**Exercise description**
Starting at the top of the records below and ending with the line that contains "doc.linetypes.add('HIDDEN', pattern=[9.525, 6.35, -3.175])", print each line exactly as written, skipping the pictures.

**Data extracts**
--------------------------------------------------

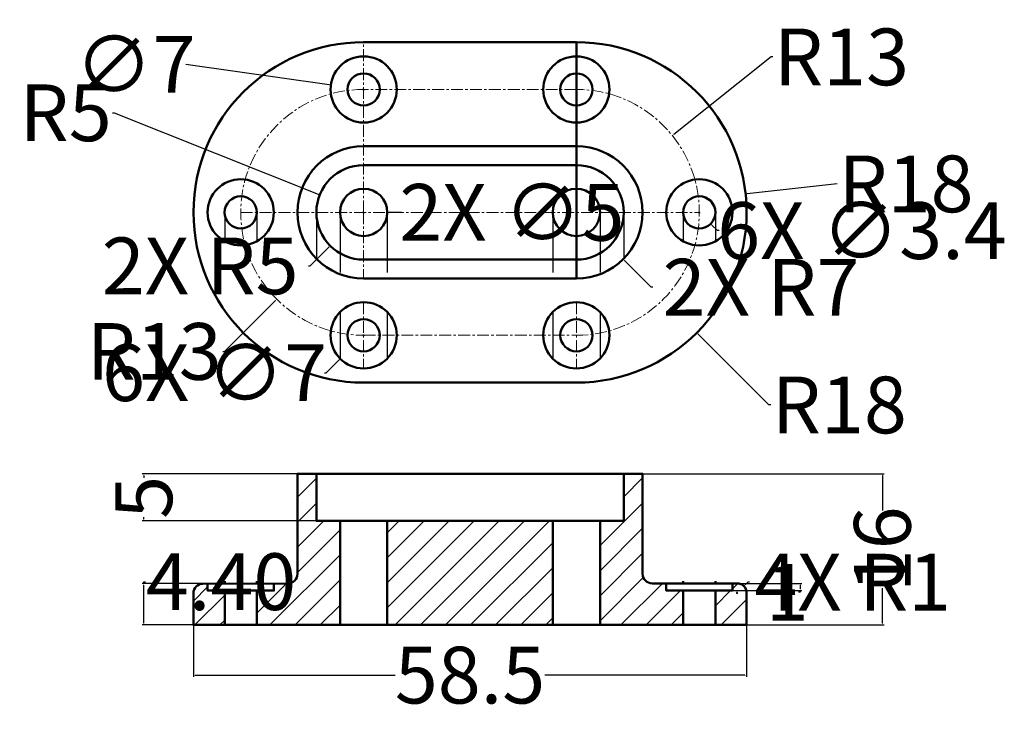
# Model space of a CAD drawing. Units: millimetres. Extents: x 26 to 130, y 11 to 85.
import ezdxf

# ---------------------------------------------------------------- set-up
doc = ezdxf.new("R2010")
doc.units = ezdxf.units.MM
doc.header["$MEASUREMENT"] = 0
doc.linetypes.add('CENTER', pattern=[2, 1.25, -0.25, 0.25, -0.25])
doc.linetypes.add('HIDDEN', pattern=[9.525, 6.35, -3.175])
for name, color, linetype, lineweight in [('M-CNTR', 1, 'CENTER', 18), ('M-DIMS', 2, 'Continuous', 25), ('M-HATC', 8, 'Continuous', 18), ('M-HIDN', 4, 'HIDDEN', 25), ('M-OUTL', 7, 'Continuous', 50)]:
    doc.layers.add(name, color=color, linetype=linetype, lineweight=lineweight)
doc.styles.get("Standard").update_dxf_attribs({"font": 'arial.ttf'})
doc.dimstyles.get("Standard").update_dxf_attribs({"dimtxt": 6, "dimasz": 0.18, "dimexe": 0.18, "dimexo": 0.0625, "dimgap": 0.09, "dimtad": 0, "dimtoh": 1, "dimdec": 0, "dimzin": 0, "dimdsep": 46, "dimtxsty": 'Standard', "dimcen": 0.09, "dimadec": 0, "dimazin": 0, "dimtfac": 1, "dimtdec": 0, "dimtofl": 0, "dimtmove": 0, "dimatfit": 3, "dimfxl": 1, "dimtolj": 1, "dimtzin": 0, "dimarcsym": 0})

# ---------------------------------------------------------------- blocks, each defined once
blk = doc.blocks.new('*D1')
at = {"layer": 'Defpoints', "color": 0, "transparency": 16777216}
for p in [(94.96, 72.32), (84.8, 64.21)]:
    blk.add_point(p, dxfattribs=at)
at = {"layer": 'M-DIMS', "color": 0, "lineweight": -2, "transparency": 16777216}
for p, q in [((105.4, 80.65), (95.1, 72.43)), ((105.58, 80.65), (105.4, 80.65)), ((84.71, 64.21), (84.89, 64.21)), ((84.8, 64.12), (84.8, 64.3))]:
    blk.add_line(p, q, dxfattribs=at)
at = {"layer": 'M-DIMS', "color": 0, "transparency": 16777216}
blk.add_solid([(95.08, 72.45), (95.12, 72.4), (94.96, 72.32)], dxfattribs=at)
at = {"layer": 'M-DIMS', "color": 0, "transparency": 16777216, "insert": (112.84, 80.65), "char_height": 6, "attachment_point": 5}
blk.add_mtext('\\A1;R13', dxfattribs=at)
blk = doc.blocks.new('*D2')
at = {"layer": 'Defpoints', "color": 0, "transparency": 16777216}
for p in [(102.69, 66.16), (84.8, 64.21)]:
    blk.add_point(p, dxfattribs=at)
at = {"layer": 'M-DIMS', "color": 0, "lineweight": -2, "transparency": 16777216}
for p, q in [((112.39, 67.22), (102.87, 66.18)), ((84.71, 64.21), (84.89, 64.21)), ((84.8, 64.12), (84.8, 64.3))]:
    blk.add_line(p, q, dxfattribs=at)
at = {"layer": 'M-DIMS', "color": 0, "transparency": 16777216}
blk.add_solid([(102.87, 66.21), (102.88, 66.15), (102.69, 66.16)], dxfattribs=at)
at = {"layer": 'M-DIMS', "color": 0, "transparency": 16777216, "insert": (119.66, 67.22), "char_height": 6, "attachment_point": 5}
blk.add_mtext('\\A1;R18', dxfattribs=at)
blk = doc.blocks.new('*D3')
at = {"layer": 'Defpoints', "color": 0, "transparency": 16777216}
for p in [(57.66, 66.06), (62.3, 64.21)]:
    blk.add_point(p, dxfattribs=at)
at = {"layer": 'M-DIMS', "color": 0, "lineweight": -2, "transparency": 16777216}
for p, q in [((35.74, 74.74), (35.92, 74.74)), ((35.92, 74.74), (57.49, 66.13)), ((62.21, 64.21), (62.39, 64.21)), ((62.3, 64.12), (62.3, 64.3))]:
    blk.add_line(p, q, dxfattribs=at)
at = {"layer": 'M-DIMS', "color": 0, "transparency": 16777216}
blk.add_solid([(57.5, 66.16), (57.48, 66.1), (57.66, 66.06)], dxfattribs=at)
at = {"layer": 'M-DIMS', "color": 0, "transparency": 16777216, "insert": (30.79, 74.74), "char_height": 6, "attachment_point": 5}
blk.add_mtext('\\A1;R5', dxfattribs=at)
blk = doc.blocks.new('*D4')
at = {"layer": 'Defpoints', "color": 0, "transparency": 16777216}
for p in [(89.8, 36.57), (89.8, 20.57), (117.16, 20.57)]:
    blk.add_point(p, dxfattribs=at)
at = {"layer": 'M-DIMS', "color": 0, "lineweight": -2, "transparency": 16777216}
for p, q in [((89.86, 36.57), (117.34, 36.57)), ((117.16, 36.39), (117.16, 32.68)), ((117.16, 20.75), (117.16, 24.47)), ((89.86, 20.57), (117.34, 20.57))]:
    blk.add_line(p, q, dxfattribs=at)
at = {"layer": 'M-DIMS', "color": 0, "transparency": 16777216}
for points in [[(117.13, 36.39), (117.19, 36.39), (117.16, 36.57)], [(117.13, 20.75), (117.19, 20.75), (117.16, 20.57)]]:
    blk.add_solid(points, dxfattribs=at)
at = {"layer": 'M-DIMS', "color": 0, "transparency": 16777216, "insert": (117.16, 28.57), "char_height": 6, "attachment_point": 5, "rotation": 90}
blk.add_mtext('\\A1;16', dxfattribs=at)
blk = doc.blocks.new('*D5')
at = {"layer": 'Defpoints', "color": 0, "transparency": 16777216}
for p in [(97.3, 24.97), (97.3, 24.21), (108.48, 24.21)]:
    blk.add_point(p, dxfattribs=at)
at = {"layer": 'M-DIMS', "color": 0, "lineweight": -2, "transparency": 16777216}
for p, q in [((97.36, 24.97), (108.66, 24.97)), ((97.36, 24.21), (108.66, 24.21)), ((108.48, 24.03), (108.3, 24.03)), ((108.48, 24.79), (108.48, 24.39)), ((108.48, 24.21), (108.48, 24.03))]:
    blk.add_line(p, q, dxfattribs=at)
at = {"layer": 'M-DIMS', "color": 0, "transparency": 16777216}
for points in [[(108.45, 24.79), (108.51, 24.79), (108.48, 24.97)], [(108.45, 24.39), (108.51, 24.39), (108.48, 24.21)]]:
    blk.add_solid(points, dxfattribs=at)
at = {"layer": 'M-DIMS', "color": 0, "transparency": 16777216, "insert": (107.11, 24.03), "char_height": 6, "attachment_point": 5}
blk.add_mtext('\\A1;1', dxfattribs=at)
blk = doc.blocks.new('*D6')
at = {"layer": 'Defpoints', "color": 0, "transparency": 16777216}
for p in [(58.84, 77.7), (65.77, 76.72)]:
    blk.add_point(p, dxfattribs=at)
at = {"layer": 'M-DIMS', "color": 0, "lineweight": -2, "transparency": 16777216}
for p, q in [((43.48, 79.87), (58.66, 77.72)), ((62.21, 77.21), (62.39, 77.21)), ((62.3, 77.12), (62.3, 77.3))]:
    blk.add_line(p, q, dxfattribs=at)
at = {"layer": 'M-DIMS', "color": 0, "transparency": 16777216}
blk.add_solid([(58.66, 77.75), (58.65, 77.69), (58.84, 77.7)], dxfattribs=at)
at = {"layer": 'M-DIMS', "color": 0, "transparency": 16777216, "insert": (38.16, 79.87), "char_height": 6, "attachment_point": 5}
blk.add_mtext('\\A1;∅7', dxfattribs=at)
blk = doc.blocks.new('HOLE-CBORE-3.4X7')
for radius in [3.5, 1.7]:
    blk.add_circle((62.3, 77.21), radius)
blk = doc.blocks.new('*D8')
at = {"layer": 'Defpoints', "color": 0, "transparency": 16777216}
for p in [(44.3, 20.57), (102.8, 20.57), (102.8, 15.27)]:
    blk.add_point(p, dxfattribs=at)
at = {"layer": 'M-DIMS', "color": 0, "lineweight": -2, "transparency": 16777216}
for p, q in [((44.3, 20.51), (44.3, 15.09)), ((102.8, 20.51), (102.8, 15.09)), ((44.48, 15.27), (65.65, 15.27)), ((102.62, 15.27), (81.46, 15.27))]:
    blk.add_line(p, q, dxfattribs=at)
at = {"layer": 'M-DIMS', "color": 0, "transparency": 16777216}
for points in [[(44.48, 15.3), (44.48, 15.24), (44.3, 15.27)], [(102.62, 15.3), (102.62, 15.24), (102.8, 15.27)]]:
    blk.add_solid(points, dxfattribs=at)
at = {"layer": 'M-DIMS', "color": 0, "transparency": 16777216, "insert": (73.55, 15.27), "char_height": 6, "attachment_point": 5}
blk.add_mtext('\\A1;58.5', dxfattribs=at)
blk = doc.blocks.new('*D9')
at = {"layer": 'Defpoints', "color": 0, "transparency": 16777216}
for p in [(39.05, 24.97), (54.31, 24.97), (44.3, 20.57)]:
    blk.add_point(p, dxfattribs=at)
at = {"layer": 'M-DIMS', "color": 0, "lineweight": -2, "transparency": 16777216}
for p, q in [((39.05, 24.97), (39.05, 25.15)), ((39.05, 25.15), (39.23, 25.15)), ((54.24, 24.97), (38.87, 24.97)), ((39.05, 20.75), (39.05, 24.79)), ((44.24, 20.57), (38.87, 20.57))]:
    blk.add_line(p, q, dxfattribs=at)
at = {"layer": 'M-DIMS', "color": 0, "transparency": 16777216}
for points in [[(39.02, 24.79), (39.08, 24.79), (39.05, 24.97)], [(39.02, 20.75), (39.08, 20.75), (39.05, 20.57)]]:
    blk.add_solid(points, dxfattribs=at)
at = {"layer": 'M-DIMS', "color": 0, "transparency": 16777216, "insert": (47.22, 25.15), "char_height": 6, "attachment_point": 5}
blk.add_mtext('\\A1;4.40', dxfattribs=at)
blk = doc.blocks.new('*D10')
at = {"layer": 'Defpoints', "color": 0, "transparency": 16777216}
for p in [(57.3, 36.57), (39.05, 31.57), (57.3, 31.57)]:
    blk.add_point(p, dxfattribs=at)
at = {"layer": 'M-DIMS', "color": 0, "lineweight": -2, "transparency": 16777216}
for p, q in [((57.24, 36.57), (38.87, 36.57)), ((39.05, 36.39), (39.05, 36.15)), ((57.24, 31.57), (38.87, 31.57)), ((39.05, 31.75), (39.05, 31.99))]:
    blk.add_line(p, q, dxfattribs=at)
at = {"layer": 'M-DIMS', "color": 0, "transparency": 16777216}
for points in [[(39.02, 36.39), (39.08, 36.39), (39.05, 36.57)], [(39.02, 31.75), (39.08, 31.75), (39.05, 31.57)]]:
    blk.add_solid(points, dxfattribs=at)
at = {"layer": 'M-DIMS', "color": 0, "transparency": 16777216, "insert": (39.05, 34.07), "char_height": 6, "attachment_point": 5, "rotation": 90}
blk.add_mtext('\\A1;5', dxfattribs=at)
blk = doc.blocks.new('*D11')
at = {"layer": 'Defpoints', "color": 0, "transparency": 16777216}
for p in [(84.8, 64.21), (97.53, 51.48)]:
    blk.add_point(p, dxfattribs=at)
at = {"layer": 'M-DIMS', "color": 0, "lineweight": -2, "transparency": 16777216}
for p, q in [((84.71, 64.21), (84.89, 64.21)), ((84.8, 64.12), (84.8, 64.3)), ((105.17, 43.84), (97.66, 51.35)), ((105.35, 43.84), (105.17, 43.84))]:
    blk.add_line(p, q, dxfattribs=at)
at = {"layer": 'M-DIMS', "color": 0, "transparency": 16777216}
blk.add_solid([(97.68, 51.37), (97.64, 51.33), (97.53, 51.48)], dxfattribs=at)
at = {"layer": 'M-DIMS', "color": 0, "transparency": 16777216, "insert": (112.61, 43.84), "char_height": 6, "attachment_point": 5}
blk.add_mtext('\\A1;R18', dxfattribs=at)
blk = doc.blocks.new('*D12')
at = {"layer": 'Defpoints', "color": 0, "transparency": 16777216}
for p in [(62.3, 64.21), (53.11, 55.02)]:
    blk.add_point(p, dxfattribs=at)
at = {"layer": 'M-DIMS', "color": 0, "lineweight": -2, "transparency": 16777216}
for p, q in [((62.21, 64.21), (62.39, 64.21)), ((62.3, 64.12), (62.3, 64.3)), ((47.59, 49.5), (52.98, 54.89)), ((47.41, 49.5), (47.59, 49.5))]:
    blk.add_line(p, q, dxfattribs=at)
at = {"layer": 'M-DIMS', "color": 0, "transparency": 16777216}
blk.add_solid([(52.96, 54.91), (53, 54.87), (53.11, 55.02)], dxfattribs=at)
at = {"layer": 'M-DIMS', "color": 0, "transparency": 16777216, "insert": (40.15, 49.5), "char_height": 6, "attachment_point": 5}
blk.add_mtext('\\A1;R13', dxfattribs=at)
blk = doc.blocks.new('*D13')
at = {"layer": 'Defpoints', "color": 0, "transparency": 16777216}
for p in [(84.8, 64.21), (89.75, 59.26)]:
    blk.add_point(p, dxfattribs=at)
at = {"layer": 'M-DIMS', "color": 0, "lineweight": -2, "transparency": 16777216}
for p, q in [((84.71, 64.21), (84.89, 64.21)), ((84.8, 64.12), (84.8, 64.3)), ((92.72, 56.29), (89.88, 59.13)), ((92.9, 56.29), (92.72, 56.29))]:
    blk.add_line(p, q, dxfattribs=at)
at = {"layer": 'M-DIMS', "color": 0, "transparency": 16777216}
blk.add_solid([(89.9, 59.15), (89.86, 59.11), (89.75, 59.26)], dxfattribs=at)
at = {"layer": 'M-DIMS', "color": 0, "transparency": 16777216, "insert": (104.33, 56.29), "char_height": 6, "attachment_point": 5}
blk.add_mtext('\\A1;2X R7', dxfattribs=at)
blk = doc.blocks.new('*D14')
at = {"layer": 'Defpoints', "color": 0, "transparency": 16777216}
for p in [(62.3, 64.21), (58.76, 60.67)]:
    blk.add_point(p, dxfattribs=at)
at = {"layer": 'M-DIMS', "color": 0, "lineweight": -2, "transparency": 16777216}
for p, q in [((62.21, 64.21), (62.39, 64.21)), ((62.3, 64.12), (62.3, 64.3)), ((56.64, 58.55), (58.64, 60.55)), ((56.46, 58.55), (56.64, 58.55))]:
    blk.add_line(p, q, dxfattribs=at)
at = {"layer": 'M-DIMS', "color": 0, "transparency": 16777216}
blk.add_solid([(58.62, 60.57), (58.66, 60.53), (58.76, 60.67)], dxfattribs=at)
at = {"layer": 'M-DIMS', "color": 0, "transparency": 16777216, "insert": (45.01, 58.55), "char_height": 6, "attachment_point": 5}
blk.add_mtext('\\A1;2X R5', dxfattribs=at)
blk = doc.blocks.new('*D15')
at = {"layer": 'Defpoints', "color": 0, "transparency": 16777216}
for p in [(64.78, 53.68), (59.82, 48.73)]:
    blk.add_point(p, dxfattribs=at)
at = {"layer": 'M-DIMS', "color": 0, "lineweight": -2, "transparency": 16777216}
for p, q in [((62.21, 51.21), (62.39, 51.21)), ((62.3, 51.12), (62.3, 51.3)), ((58.34, 47.25), (59.7, 48.61)), ((58.16, 47.25), (58.34, 47.25))]:
    blk.add_line(p, q, dxfattribs=at)
at = {"layer": 'M-DIMS', "color": 0, "transparency": 16777216}
blk.add_solid([(59.68, 48.63), (59.72, 48.59), (59.82, 48.73)], dxfattribs=at)
at = {"layer": 'M-DIMS', "color": 0, "transparency": 16777216, "insert": (46.53, 47.25), "char_height": 6, "attachment_point": 5}
blk.add_mtext('\\A1;6X ∅7', dxfattribs=at)
blk = doc.blocks.new('*D16')
at = {"layer": 'Defpoints', "color": 0, "transparency": 16777216}
for p in [(96.6, 65.41), (99, 63)]:
    blk.add_point(p, dxfattribs=at)
at = {"layer": 'M-DIMS', "color": 0, "lineweight": -2, "transparency": 16777216}
for p, q in [((97.71, 64.21), (97.89, 64.21)), ((97.8, 64.12), (97.8, 64.3)), ((99.72, 62.28), (99.13, 62.87)), ((99.9, 62.28), (99.72, 62.28))]:
    blk.add_line(p, q, dxfattribs=at)
at = {"layer": 'M-DIMS', "color": 0, "transparency": 16777216}
blk.add_solid([(99.15, 62.89), (99.1, 62.85), (99, 63)], dxfattribs=at)
at = {"layer": 'M-DIMS', "color": 0, "transparency": 16777216, "insert": (115, 62.28), "char_height": 6, "attachment_point": 5}
blk.add_mtext('\\A1;6X ∅3.4', dxfattribs=at)
blk = doc.blocks.new('*D17')
at = {"layer": 'Defpoints', "color": 0, "transparency": 16777216}
for p in [(59.8, 64.21), (64.8, 64.21)]:
    blk.add_point(p, dxfattribs=at)
at = {"layer": 'M-DIMS', "color": 0, "lineweight": -2, "transparency": 16777216}
for p, q in [((62.21, 64.21), (62.39, 64.21)), ((62.3, 64.12), (62.3, 64.3)), ((66.3, 64.21), (64.98, 64.21))]:
    blk.add_line(p, q, dxfattribs=at)
at = {"layer": 'M-DIMS', "color": 0, "transparency": 16777216}
blk.add_solid([(64.98, 64.24), (64.98, 64.18), (64.8, 64.21)], dxfattribs=at)
at = {"layer": 'M-DIMS', "color": 0, "transparency": 16777216, "insert": (77.98, 64.21), "char_height": 6, "attachment_point": 5}
blk.add_mtext('\\A1;2X ∅5', dxfattribs=at)
blk = doc.blocks.new('*D18')
at = {"layer": 'Defpoints', "color": 0, "transparency": 16777216}
for p in [(101.8, 23.97), (102.51, 24.68)]:
    blk.add_point(p, dxfattribs=at)
at = {"layer": 'M-DIMS', "color": 0, "lineweight": -2, "transparency": 16777216}
for p, q in [((102.93, 25.1), (102.64, 24.81)), ((103.11, 25.1), (102.93, 25.1)), ((101.71, 23.97), (101.89, 23.97)), ((101.8, 23.88), (101.8, 24.06))]:
    blk.add_line(p, q, dxfattribs=at)
at = {"layer": 'M-DIMS', "color": 0, "transparency": 16777216}
blk.add_solid([(102.61, 24.83), (102.66, 24.79), (102.51, 24.68)], dxfattribs=at)
at = {"layer": 'M-DIMS', "color": 0, "transparency": 16777216, "insert": (114.03, 25.1), "char_height": 6, "attachment_point": 5}
blk.add_mtext('\\A1;4X R1', dxfattribs=at)

msp = doc.modelspace()

# ---------------------------------------------------------------- hatches: boundary and pattern name
at = {"layer": 'M-HATC'}
h = msp.add_hatch(dxfattribs=at)
h.set_pattern_fill('ANSI31', color=256, scale=15)
h.paths.add_polyline_path([(59.801, 31.572), (57.301, 31.572), (57.301, 36.572), (55.301, 36.572), (55.301, 25.968, -0.4128846), (54.306, 24.968), (52.801, 24.961), (52.801, 24.207), (51.001, 24.207), (51.001, 20.572), (59.801, 20.572)])
h.paths.add_polyline_path([(82.301, 31.572), (64.801, 31.572), (64.801, 20.572), (82.301, 20.572)])
h.paths.add_polyline_path([(94.301, 24.972), (92.801, 24.972, -0.4142136), (91.801, 25.972), (91.801, 36.572), (89.801, 36.572), (89.801, 31.572), (87.301, 31.572), (87.301, 20.572), (96.101, 20.572), (96.101, 24.207), (94.301, 24.207)])
h.paths.add_polyline_path([(47.601, 24.207), (45.801, 24.207), (45.801, 24.929), (45.297, 24.927, 0.4128846), (44.301, 23.927), (44.301, 20.572), (47.601, 20.572)])
h.paths.add_polyline_path([(102.801, 23.972, 0.4142136), (101.801, 24.972), (101.301, 24.972), (101.301, 24.207), (99.501, 24.207), (99.501, 20.572), (102.801, 20.572)])

# ---------------------------------------------------------------- linework, layer by layer
at = {"layer": 'M-CNTR'}
for p, q in [((62.301, 64.207), (62.301, 82.207)), ((49.301, 64.207), (97.801, 64.207)), ((62.301, 64.207), (62.301, 57.207)), ((62.301, 54.707), (62.301, 47.707))]:
    msp.add_line(p, q, dxfattribs=at)
msp.add_lwpolyline([(62.301, 51.207), (84.801, 51.207, 1), (84.801, 77.207), (62.301, 77.207, 1)], format="xyb", close=True, dxfattribs=at)
msp.add_lwpolyline([(84.801, 54.707), (84.801, 47.707)], dxfattribs=at)
at = {"layer": 'M-HIDN'}
for p, q in [((47.601, 64.207), (47.601, 61.148)), ((51.001, 64.207), (51.001, 61.148)), ((57.301, 64.207), (57.301, 59.308)), ((59.801, 64.207), (59.801, 57.669)), ((64.801, 64.207), (64.801, 57.207)), ((82.301, 64.207), (82.301, 57.207)), ((87.301, 64.207), (87.301, 57.669)), ((89.801, 64.207), (89.801, 59.308)), ((96.101, 64.207), (96.101, 61.148)), ((99.501, 64.207), (99.501, 61.148)), ((59.801, 53.657), (59.801, 48.758)), ((64.801, 53.657), (64.801, 48.758)), ((82.301, 53.657), (82.301, 48.758)), ((87.301, 53.657), (87.301, 48.758))]:
    msp.add_line(p, q, dxfattribs=at)
at = {"layer": 'M-OUTL'}
for p, q in [((59.801, 31.572), (59.801, 20.572)), ((64.801, 31.572), (64.801, 20.572)), ((82.301, 31.572), (82.301, 20.572)), ((87.301, 31.572), (87.301, 20.572)), ((47.601, 25.207), (47.601, 24.937)), ((51.001, 25.207), (51.001, 24.953)), ((96.101, 25.207), (96.101, 24.972)), ((99.501, 25.207), (99.501, 24.972)), ((47.601, 24.207), (47.601, 20.572)), ((51.001, 24.207), (51.001, 20.572)), ((96.101, 24.207), (96.101, 20.572)), ((99.501, 24.207), (99.501, 20.572))]:
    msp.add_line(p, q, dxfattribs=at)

--------------------------------------------------

**Written reply**
# Model space of a CAD drawing. Units: millimetres. Extents: x 26 to 130, y 11 to 85.
import ezdxf

# ---------------------------------------------------------------- set-up
doc = ezdxf.new("R2010")
doc.units = ezdxf.units.MM
doc.header["$MEASUREMENT"] = 0
doc.linetypes.add('CENTER', pattern=[2, 1.25, -0.25, 0.25, -0.25])
doc.linetypes.add('HIDDEN', pattern=[9.525, 6.35, -3.175])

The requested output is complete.